→ What is being asked:
Only the number is wanted: state how many lines of the data below contain the word "SUBTRACT".

Data extracted from a collection
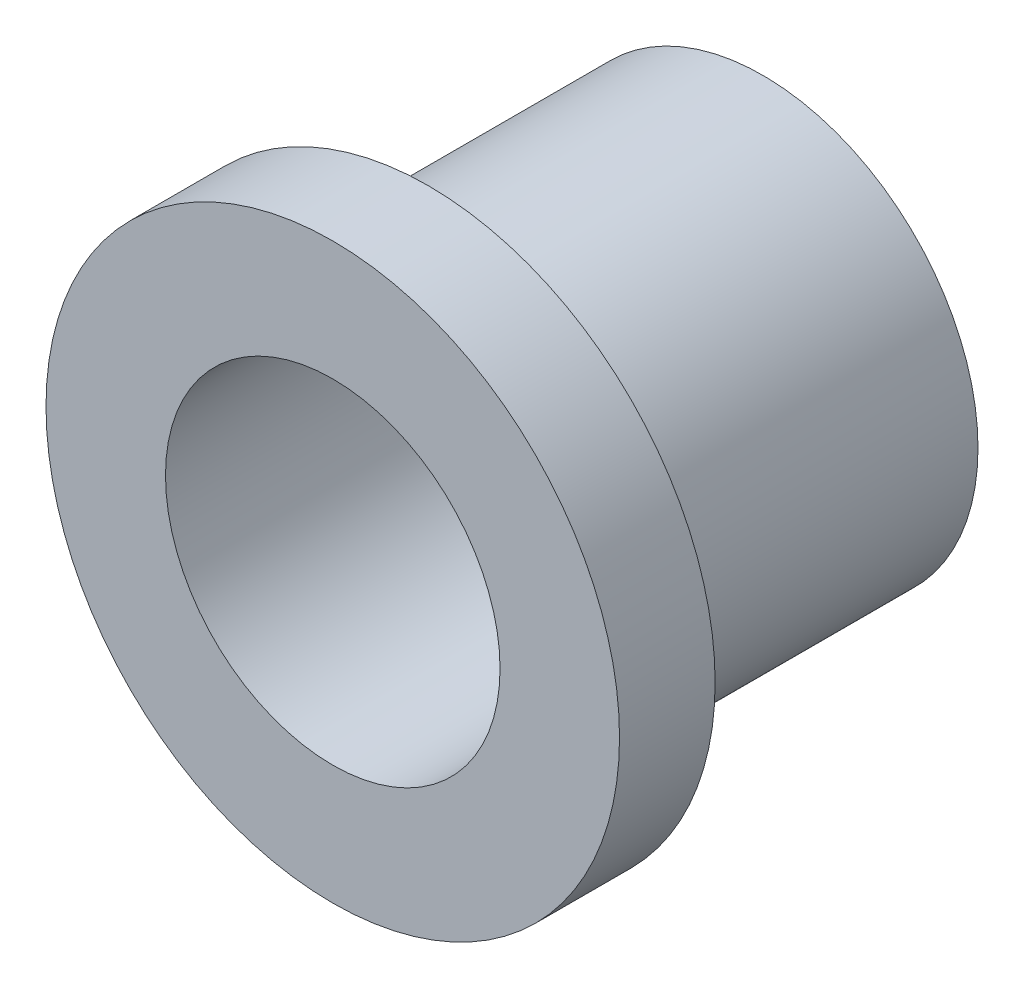
from build123d import *

# Parameters (mm, degrees)
SKETCH_1_R      = 6
SKETCH_1_R_2    = 3.5
EXTRUDE_1_DEPTH = 1
EXTRUDE_START   = -8
SKETCH_2_R      = 4.5
SKETCH_2_R_2    = 3.5
EXTRUDE_2_DEPTH = 8


with BuildPart() as part:
    # 草图1 → 凸台-拉伸1 (new, symmetric)
    with BuildSketch(Plane.XY):
        Circle(SKETCH_1_R)
        Circle(SKETCH_1_R_2, mode=Mode.SUBTRACT)
    extrude(amount=EXTRUDE_1_DEPTH, both=True)

    # 草图2 → 凸台-拉伸2 (add)
    with BuildSketch(Plane.XY.offset(EXTRUDE_START)):
        Circle(SKETCH_2_R)
        Circle(SKETCH_2_R_2, mode=Mode.SUBTRACT)
    extrude(amount=EXTRUDE_2_DEPTH)


solid = part.part

→ Answer box:
2